● **HOW TO COMPLETE THIS TASK**
For the entries below, the result should be an exact transcription of the lines from the one with "#269=DIRECTION('',(0.,1.,0.));" up to and including the one with "#285=LINE('',#284,#283);", and only those.

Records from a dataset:
%%

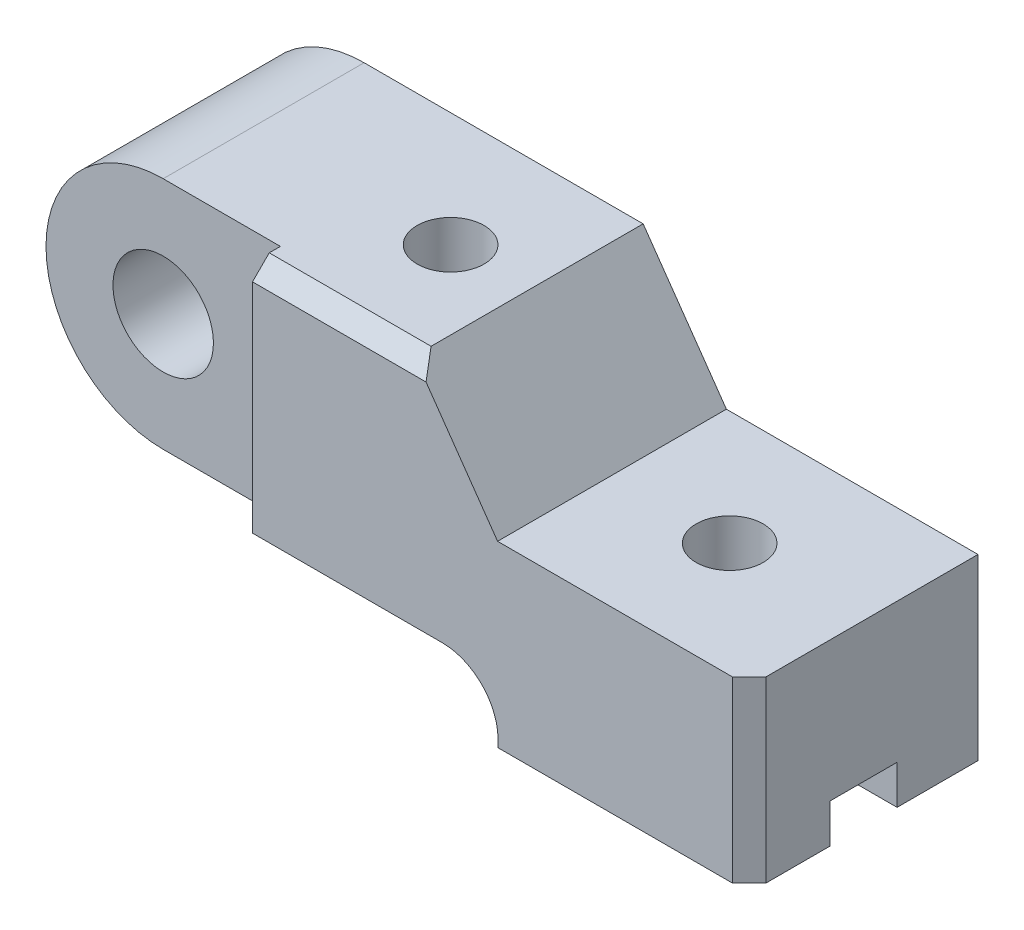
ISO-10303-21;
HEADER;
FILE_DESCRIPTION(('STEP AP214'),'2;1');
FILE_NAME('part.step','',(''),(''),'','','');
FILE_SCHEMA(('AUTOMOTIVE_DESIGN { 1 0 10303 214 1 1 1 1 }'));
ENDSEC;
DATA;
#1=APPLICATION_CONTEXT('core data for automotive mechanical design processes');
#2=APPLICATION_PROTOCOL_DEFINITION('international standard','automotive_design',2000,#1);
#3=PRODUCT_CONTEXT('',#1,'mechanical');
#4=PRODUCT('Part','Part','',(#3));
#5=PRODUCT_RELATED_PRODUCT_CATEGORY('part','',(#4));
#6=PRODUCT_DEFINITION_FORMATION('','',#4);
#7=PRODUCT_DEFINITION_CONTEXT('part definition',#1,'design');
#8=PRODUCT_DEFINITION('design','',#6,#7);
#9=PRODUCT_DEFINITION_SHAPE('','',#8);
#10=(LENGTH_UNIT() NAMED_UNIT(*) SI_UNIT(.MILLI.,.METRE.));
#11=(NAMED_UNIT(*) PLANE_ANGLE_UNIT() SI_UNIT($,.RADIAN.));
#12=(NAMED_UNIT(*) SI_UNIT($,.STERADIAN.) SOLID_ANGLE_UNIT());
#13=UNCERTAINTY_MEASURE_WITH_UNIT(LENGTH_MEASURE(1.E-05),#10,'distance_accuracy_value','');
#14=(GEOMETRIC_REPRESENTATION_CONTEXT(3) GLOBAL_UNCERTAINTY_ASSIGNED_CONTEXT((#13)) GLOBAL_UNIT_ASSIGNED_CONTEXT((#10,
#11,#12)) REPRESENTATION_CONTEXT('',''));
#15=CARTESIAN_POINT('',(0.,0.,0.));
#16=DIRECTION('',(0.,0.,1.));
#17=DIRECTION('',(1.,0.,0.));
#18=AXIS2_PLACEMENT_3D('',#15,#16,#17);
#19=CARTESIAN_POINT('',(-35.5,-25.305162605882,6.));
#20=DIRECTION('',(0.,1.,0.));
#21=DIRECTION('',(0.,0.,1.));
#22=AXIS2_PLACEMENT_3D('',#19,#20,#21);
#23=PLANE('',#22);
#24=DIRECTION('',(1.,0.,0.));
#25=VECTOR('',#24,1.);
#26=CARTESIAN_POINT('',(-35.5,-25.305162605882,6.));
#27=LINE('',#26,#25);
#28=CARTESIAN_POINT('',(86.,-25.3051626058819,6.));
#29=VERTEX_POINT('',#28);
#30=CARTESIAN_POINT('',(110.,-25.305162605882,6.));
#31=VERTEX_POINT('',#30);
#32=EDGE_CURVE('E184',#29,#31,#27,.T.);
#33=ORIENTED_EDGE('',*,*,#32,.F.);
#34=CARTESIAN_POINT('',(86.,-25.3051626058819,0.));
#35=DIRECTION('',(0.,1.,0.));
#36=DIRECTION('',(0.,0.,1.));
#37=AXIS2_PLACEMENT_3D('',#34,#35,#36);
#38=CIRCLE('',#37,6.);
#39=CARTESIAN_POINT('',(86.,-25.3051626058819,-6.00000000000001));
#40=VERTEX_POINT('',#39);
#41=EDGE_CURVE('E59',#29,#40,#38,.T.);
#42=ORIENTED_EDGE('',*,*,#41,.T.);
#43=DIRECTION('',(1.,0.,0.));
#44=VECTOR('',#43,1.);
#45=CARTESIAN_POINT('',(-35.5,-25.305162605882,-6.));
#46=LINE('',#45,#44);
#47=CARTESIAN_POINT('',(110.,-25.305162605882,-6.));
#48=VERTEX_POINT('',#47);
#49=EDGE_CURVE('E181',#40,#48,#46,.T.);
#50=ORIENTED_EDGE('',*,*,#49,.T.);
#51=DIRECTION('',(0.,0.,1.));
#52=VECTOR('',#51,1.);
#53=CARTESIAN_POINT('',(110.,-25.305162605882,6.));
#54=LINE('',#53,#52);
#55=EDGE_CURVE('E204',#48,#31,#54,.T.);
#56=ORIENTED_EDGE('',*,*,#55,.T.);
#57=EDGE_LOOP('',(#33,#42,#50,#56));
#58=FACE_BOUND('',#57,.T.);
#59=ADVANCED_FACE('F43',(#58),#23,.F.);
#60=CARTESIAN_POINT('',(65.,0.,20.5));
#61=DIRECTION('',(-1.,0.,0.));
#62=DIRECTION('',(0.,0.,1.));
#63=AXIS2_PLACEMENT_3D('',#60,#61,#62);
#64=PLANE('',#63);
#65=DIRECTION('',(0.,1.,0.));
#66=VECTOR('',#65,1.);
#67=CARTESIAN_POINT('',(65.,0.,6.));
#68=LINE('',#67,#66);
#69=CARTESIAN_POINT('',(65.,-32.305162605882,5.99999999999999));
#70=VERTEX_POINT('',#69);
#71=CARTESIAN_POINT('',(65.,-31.0000000000001,6.));
#72=VERTEX_POINT('',#71);
#73=EDGE_CURVE('E209',#70,#72,#68,.T.);
#74=ORIENTED_EDGE('',*,*,#73,.F.);
#75=DIRECTION('',(0.,0.,-1.));
#76=VECTOR('',#75,1.);
#77=CARTESIAN_POINT('',(65.,-32.305162605882,20.5));
#78=LINE('',#77,#76);
#79=CARTESIAN_POINT('',(65.,-32.305162605882,20.5));
#80=VERTEX_POINT('',#79);
#81=EDGE_CURVE('E297',#80,#70,#78,.T.);
#82=ORIENTED_EDGE('',*,*,#81,.F.);
#83=DIRECTION('',(0.,1.,0.));
#84=VECTOR('',#83,1.);
#85=CARTESIAN_POINT('',(65.,0.,20.5));
#86=LINE('',#85,#84);
#87=CARTESIAN_POINT('',(65.,-31.0000000000001,20.5));
#88=VERTEX_POINT('',#87);
#89=EDGE_CURVE('E250',#80,#88,#86,.T.);
#90=ORIENTED_EDGE('',*,*,#89,.T.);
#91=DIRECTION('',(0.,0.,-1.));
#92=VECTOR('',#91,1.);
#93=CARTESIAN_POINT('',(65.,-31.0000000000001,20.5));
#94=LINE('',#93,#92);
#95=EDGE_CURVE('E296',#88,#72,#94,.T.);
#96=ORIENTED_EDGE('',*,*,#95,.T.);
#97=EDGE_LOOP('',(#74,#82,#90,#96));
#98=FACE_BOUND('',#97,.T.);
#99=ADVANCED_FACE('F394',(#98),#64,.T.);
#100=CARTESIAN_POINT('',(0.,-32.305162605882,20.5));
#101=DIRECTION('',(0.,-1.,0.));
#102=DIRECTION('',(1.,0.,0.));
#103=AXIS2_PLACEMENT_3D('',#100,#101,#102);
#104=PLANE('',#103);
#105=DIRECTION('',(1.,0.,0.));
#106=VECTOR('',#105,1.);
#107=CARTESIAN_POINT('',(-35.5,-32.305162605882,5.99999999999999));
#108=LINE('',#107,#106);
#109=CARTESIAN_POINT('',(110.,-32.305162605882,5.99999999999999));
#110=VERTEX_POINT('',#109);
#111=EDGE_CURVE('E205',#70,#110,#108,.T.);
#112=ORIENTED_EDGE('',*,*,#111,.T.);
#113=DIRECTION('',(0.,0.,-1.));
#114=VECTOR('',#113,1.);
#115=CARTESIAN_POINT('',(110.,-32.305162605882,20.5));
#116=LINE('',#115,#114);
#117=CARTESIAN_POINT('',(110.,-32.305162605882,17.5));
#118=VERTEX_POINT('',#117);
#119=EDGE_CURVE('E295',#118,#110,#116,.T.);
#120=ORIENTED_EDGE('',*,*,#119,.F.);
#121=DIRECTION('',(0.707106781186548,0.,-0.707106781186548));
#122=VECTOR('',#121,1.);
#123=CARTESIAN_POINT('',(53.5,-32.305162605882,74.));
#124=LINE('',#123,#122);
#125=CARTESIAN_POINT('',(107.,-32.305162605882,20.5));
#126=VERTEX_POINT('',#125);
#127=EDGE_CURVE('E320',#118,#126,#124,.F.);
#128=ORIENTED_EDGE('',*,*,#127,.T.);
#129=DIRECTION('',(-1.,0.,0.));
#130=VECTOR('',#129,1.);
#131=CARTESIAN_POINT('',(0.,-32.305162605882,20.5));
#132=LINE('',#131,#130);
#133=EDGE_CURVE('E247',#126,#80,#132,.T.);
#134=ORIENTED_EDGE('',*,*,#133,.T.);
#135=ORIENTED_EDGE('',*,*,#81,.T.);
#136=EDGE_LOOP('',(#112,#120,#128,#134,#135));
#137=FACE_BOUND('',#136,.T.);
#138=ADVANCED_FACE('F339',(#137),#104,.T.);
#139=CARTESIAN_POINT('',(0.,-21.,20.5));
#140=DIRECTION('',(0.,-1.,0.));
#141=DIRECTION('',(0.,0.,-1.));
#142=AXIS2_PLACEMENT_3D('',#139,#140,#141);
#143=PLANE('',#142);
#144=CARTESIAN_POINT('',(36.,-21.,0.));
#145=DIRECTION('',(0.,-1.,0.));
#146=DIRECTION('',(0.,0.,-1.));
#147=AXIS2_PLACEMENT_3D('',#144,#145,#146);
#148=CIRCLE('',#147,6.);
#149=CARTESIAN_POINT('',(36.,-21.,-6.));
#150=VERTEX_POINT('',#149);
#151=EDGE_CURVE('E347',#150,#150,#148,.T.);
#152=ORIENTED_EDGE('',*,*,#151,.F.);
#153=EDGE_LOOP('',(#152));
#154=FACE_BOUND('',#153,.T.);
#155=DIRECTION('',(-1.,0.,0.));
#156=VECTOR('',#155,1.);
#157=CARTESIAN_POINT('',(0.,-21.,-20.5));
#158=LINE('',#157,#156);
#159=CARTESIAN_POINT('',(54.9999999999999,-21.,-20.5));
#160=VERTEX_POINT('',#159);
#161=CARTESIAN_POINT('',(0.,-21.,-20.5));
#162=VERTEX_POINT('',#161);
#163=EDGE_CURVE('E239',#160,#162,#158,.T.);
#164=ORIENTED_EDGE('',*,*,#163,.F.);
#165=DIRECTION('',(0.,0.,-1.));
#166=VECTOR('',#165,1.);
#167=CARTESIAN_POINT('',(54.9999999999999,-21.,20.5));
#168=LINE('',#167,#166);
#169=CARTESIAN_POINT('',(54.9999999999999,-21.,20.5));
#170=VERTEX_POINT('',#169);
#171=EDGE_CURVE('E301',#170,#160,#168,.T.);
#172=ORIENTED_EDGE('',*,*,#171,.F.);
#173=DIRECTION('',(-1.,0.,0.));
#174=VECTOR('',#173,1.);
#175=CARTESIAN_POINT('',(0.,-21.,20.5));
#176=LINE('',#175,#174);
#177=CARTESIAN_POINT('',(21.,-21.,20.5));
#178=VERTEX_POINT('',#177);
#179=EDGE_CURVE('E242',#170,#178,#176,.T.);
#180=ORIENTED_EDGE('',*,*,#179,.T.);
#181=DIRECTION('',(0.,0.,-1.));
#182=VECTOR('',#181,1.);
#183=CARTESIAN_POINT('',(21.,-21.,20.5));
#184=LINE('',#183,#182);
#185=CARTESIAN_POINT('',(21.,-21.,15.5));
#186=VERTEX_POINT('',#185);
#187=EDGE_CURVE('E259',#178,#186,#184,.T.);
#188=ORIENTED_EDGE('',*,*,#187,.T.);
#189=DIRECTION('',(-1.,0.,0.));
#190=VECTOR('',#189,1.);
#191=CARTESIAN_POINT('',(0.,-21.,15.5));
#192=LINE('',#191,#190);
#193=CARTESIAN_POINT('',(0.,-21.,15.5));
#194=VERTEX_POINT('',#193);
#195=EDGE_CURVE('E221',#186,#194,#192,.T.);
#196=ORIENTED_EDGE('',*,*,#195,.T.);
#197=DIRECTION('',(0.,0.,1.));
#198=VECTOR('',#197,1.);
#199=CARTESIAN_POINT('',(0.,-21.,-20.5));
#200=LINE('',#199,#198);
#201=EDGE_CURVE('E240',#162,#194,#200,.T.);
#202=ORIENTED_EDGE('',*,*,#201,.F.);
#203=EDGE_LOOP('',(#164,#172,#180,#188,#196,#202));
#204=FACE_BOUND('',#203,.T.);
#205=ADVANCED_FACE('F387',(#154,#204),#143,.T.);
#206=CARTESIAN_POINT('',(55.,-31.,20.5));
#207=DIRECTION('',(0.,0.,-1.));
#208=DIRECTION('',(-1.,0.,0.));
#209=AXIS2_PLACEMENT_3D('',#206,#207,#208);
#210=CYLINDRICAL_SURFACE('',#209,10.);
#211=DIRECTION('',(0.,0.,-1.));
#212=VECTOR('',#211,1.);
#213=CARTESIAN_POINT('',(63.2200259765134,-25.305162605882,20.5));
#214=LINE('',#213,#212);
#215=CARTESIAN_POINT('',(63.2200259765134,-25.305162605882,-6.));
#216=VERTEX_POINT('',#215);
#217=CARTESIAN_POINT('',(63.2200259765134,-25.305162605882,6.));
#218=VERTEX_POINT('',#217);
#219=EDGE_CURVE('E198',#216,#218,#214,.F.);
#220=ORIENTED_EDGE('',*,*,#219,.T.);
#221=CARTESIAN_POINT('',(55.,-31.,5.99999999999999));
#222=DIRECTION('',(0.,0.,1.));
#223=DIRECTION('',(0.,-1.,0.));
#224=AXIS2_PLACEMENT_3D('',#221,#222,#223);
#225=CIRCLE('',#224,10.);
#226=EDGE_CURVE('E215',#218,#72,#225,.F.);
#227=ORIENTED_EDGE('',*,*,#226,.T.);
#228=ORIENTED_EDGE('',*,*,#95,.F.);
#229=CARTESIAN_POINT('',(55.,-31.,20.5));
#230=DIRECTION('',(0.,0.,1.));
#231=DIRECTION('',(1.,0.,0.));
#232=AXIS2_PLACEMENT_3D('',#229,#230,#231);
#233=CIRCLE('',#232,10.);
#234=EDGE_CURVE('E244',#170,#88,#233,.F.);
#235=ORIENTED_EDGE('',*,*,#234,.F.);
#236=ORIENTED_EDGE('',*,*,#171,.T.);
#237=CARTESIAN_POINT('',(55.,-31.,-20.5));
#238=DIRECTION('',(0.,0.,1.));
#239=DIRECTION('',(1.,0.,0.));
#240=AXIS2_PLACEMENT_3D('',#237,#238,#239);
#241=CIRCLE('',#240,10.);
#242=CARTESIAN_POINT('',(65.,-31.0000000000001,-20.5));
#243=VERTEX_POINT('',#242);
#244=EDGE_CURVE('E261',#160,#243,#241,.F.);
#245=ORIENTED_EDGE('',*,*,#244,.T.);
#246=CARTESIAN_POINT('',(65.,-31.0000000000001,-6.00000000000001));
#247=VERTEX_POINT('',#246);
#248=EDGE_CURVE('E299',#247,#243,#94,.T.);
#249=ORIENTED_EDGE('',*,*,#248,.F.);
#250=CARTESIAN_POINT('',(55.,-31.,-6.00000000000001));
#251=DIRECTION('',(0.,0.,-1.));
#252=DIRECTION('',(0.,1.,0.));
#253=AXIS2_PLACEMENT_3D('',#250,#251,#252);
#254=CIRCLE('',#253,10.);
#255=EDGE_CURVE('E210',#247,#216,#254,.F.);
#256=ORIENTED_EDGE('',*,*,#255,.T.);
#257=EDGE_LOOP('',(#220,#227,#228,#235,#236,#245,#249,#256));
#258=FACE_BOUND('',#257,.T.);
#259=ADVANCED_FACE('F395',(#258),#210,.F.);
#260=DIRECTION('',(0.,-1.,0.));
#261=VECTOR('',#260,1.);
#262=CARTESIAN_POINT('',(65.,0.,-6.));
#263=LINE('',#262,#261);
#264=CARTESIAN_POINT('',(65.,-32.305162605882,-6.00000000000001));
#265=VERTEX_POINT('',#264);
#266=EDGE_CURVE('E202',#247,#265,#263,.T.);
#267=ORIENTED_EDGE('',*,*,#266,.F.);
#268=ORIENTED_EDGE('',*,*,#248,.T.);
#269=DIRECTION('',(0.,1.,0.));
#270=VECTOR('',#269,1.);
#271=CARTESIAN_POINT('',(65.,0.,-20.5));
#272=LINE('',#271,#270);
#273=CARTESIAN_POINT('',(65.,-32.305162605882,-20.5));
#274=VERTEX_POINT('',#273);
#275=EDGE_CURVE('E262',#274,#243,#272,.T.);
#276=ORIENTED_EDGE('',*,*,#275,.F.);
#277=EDGE_CURVE('E293',#265,#274,#78,.T.);
#278=ORIENTED_EDGE('',*,*,#277,.F.);
#279=EDGE_LOOP('',(#267,#268,#276,#278));
#280=FACE_BOUND('',#279,.T.);
#281=ADVANCED_FACE('F396',(#280),#64,.T.);
#282=DIRECTION('',(1.,0.,0.));
#283=VECTOR('',#282,1.);
#284=CARTESIAN_POINT('',(-35.5,-32.305162605882,-6.00000000000001));
#285=LINE('',#284,#283);
#286=CARTESIAN_POINT('',(110.,-32.305162605882,-6.));
#287=VERTEX_POINT('',#286);
#288=EDGE_CURVE('E68',#265,#287,#285,.T.);
#289=ORIENTED_EDGE('',*,*,#288,.F.);
#290=ORIENTED_EDGE('',*,*,#277,.T.);
#291=DIRECTION('',(-1.,0.,0.));
#292=VECTOR('',#291,1.);
#293=CARTESIAN_POINT('',(0.,-32.305162605882,-20.5));
#294=LINE('',#293,#292);
#295=CARTESIAN_POINT('',(110.,-32.305162605882,-20.5));
#296=VERTEX_POINT('',#295);
#297=EDGE_CURVE('E270',#296,#274,#294,.T.);
#298=ORIENTED_EDGE('',*,*,#297,.F.);
#299=EDGE_CURVE('E292',#287,#296,#116,.T.);
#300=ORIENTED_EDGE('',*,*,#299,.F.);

%%

● **RESULT OF THIS TASK**
#269=DIRECTION('',(0.,1.,0.));
#270=VECTOR('',#269,1.);
#271=CARTESIAN_POINT('',(65.,0.,-20.5));
#272=LINE('',#271,#270);
#273=CARTESIAN_POINT('',(65.,-32.305162605882,-20.5));
#274=VERTEX_POINT('',#273);
#275=EDGE_CURVE('E262',#274,#243,#272,.T.);
#276=ORIENTED_EDGE('',*,*,#275,.F.);
#277=EDGE_CURVE('E293',#265,#274,#78,.T.);
#278=ORIENTED_EDGE('',*,*,#277,.F.);
#279=EDGE_LOOP('',(#267,#268,#276,#278));
#280=FACE_BOUND('',#279,.T.);
#281=ADVANCED_FACE('F396',(#280),#64,.T.);
#282=DIRECTION('',(1.,0.,0.));
#283=VECTOR('',#282,1.);
#284=CARTESIAN_POINT('',(-35.5,-32.305162605882,-6.00000000000001));
#285=LINE('',#284,#283);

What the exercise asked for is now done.